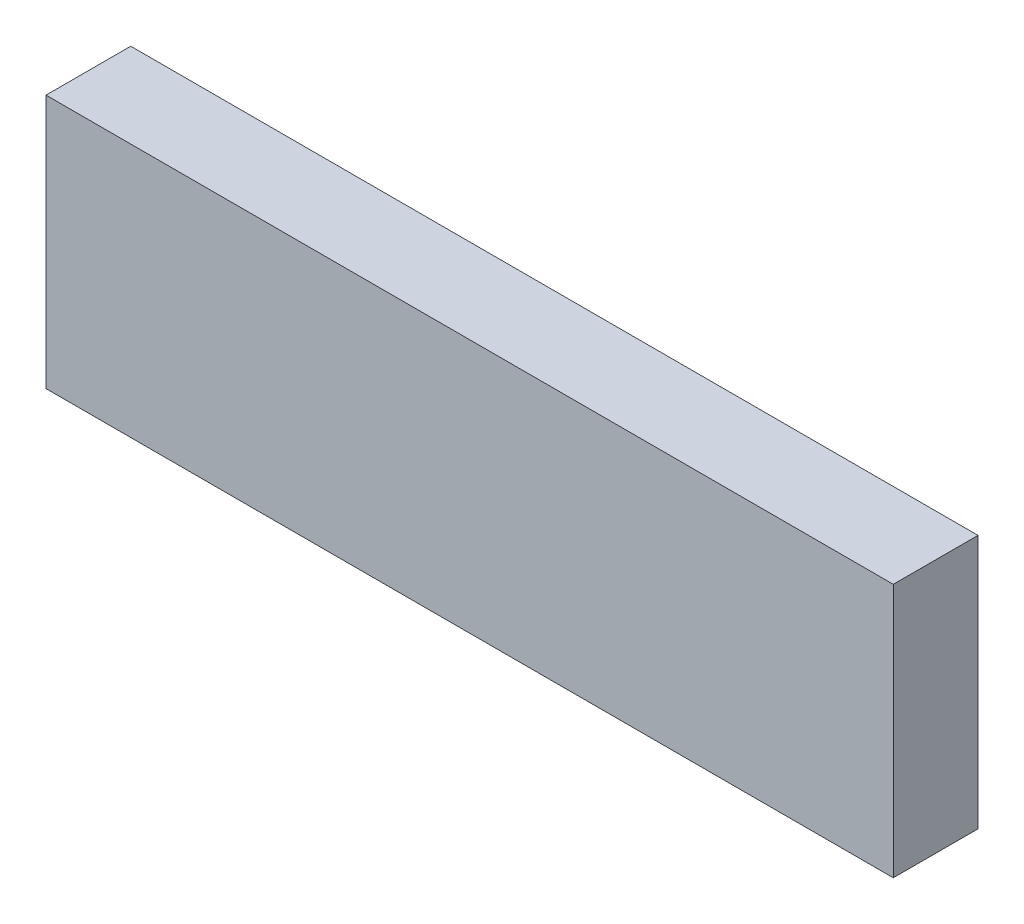
from build123d import *

# Parameters (mm, degrees)
SKETCH1_W           = 200
SKETCH1_H           = 60
BOSS_EXTRUDE1_DEPTH = 20


with BuildPart() as part:
    # Sketch1 → Boss-Extrude1 (new body)
    with BuildSketch(Plane.XY):
        with Locations((100, 30)):
            Rectangle(SKETCH1_W, SKETCH1_H)
    extrude(amount=BOSS_EXTRUDE1_DEPTH)


solid = part.part

What you are asked to do:
Exactly and exclusively, repeat the lines from the line that contains "BOSS_EXTRUDE1_DEPTH = 20" through the end of the records, both ends included.

Finished task:
BOSS_EXTRUDE1_DEPTH = 20


with BuildPart() as part:
    # Sketch1 → Boss-Extrude1 (new body)
    with BuildSketch(Plane.XY):
        with Locations((100, 30)):
            Rectangle(SKETCH1_W, SKETCH1_H)
    extrude(amount=BOSS_EXTRUDE1_DEPTH)


solid = part.part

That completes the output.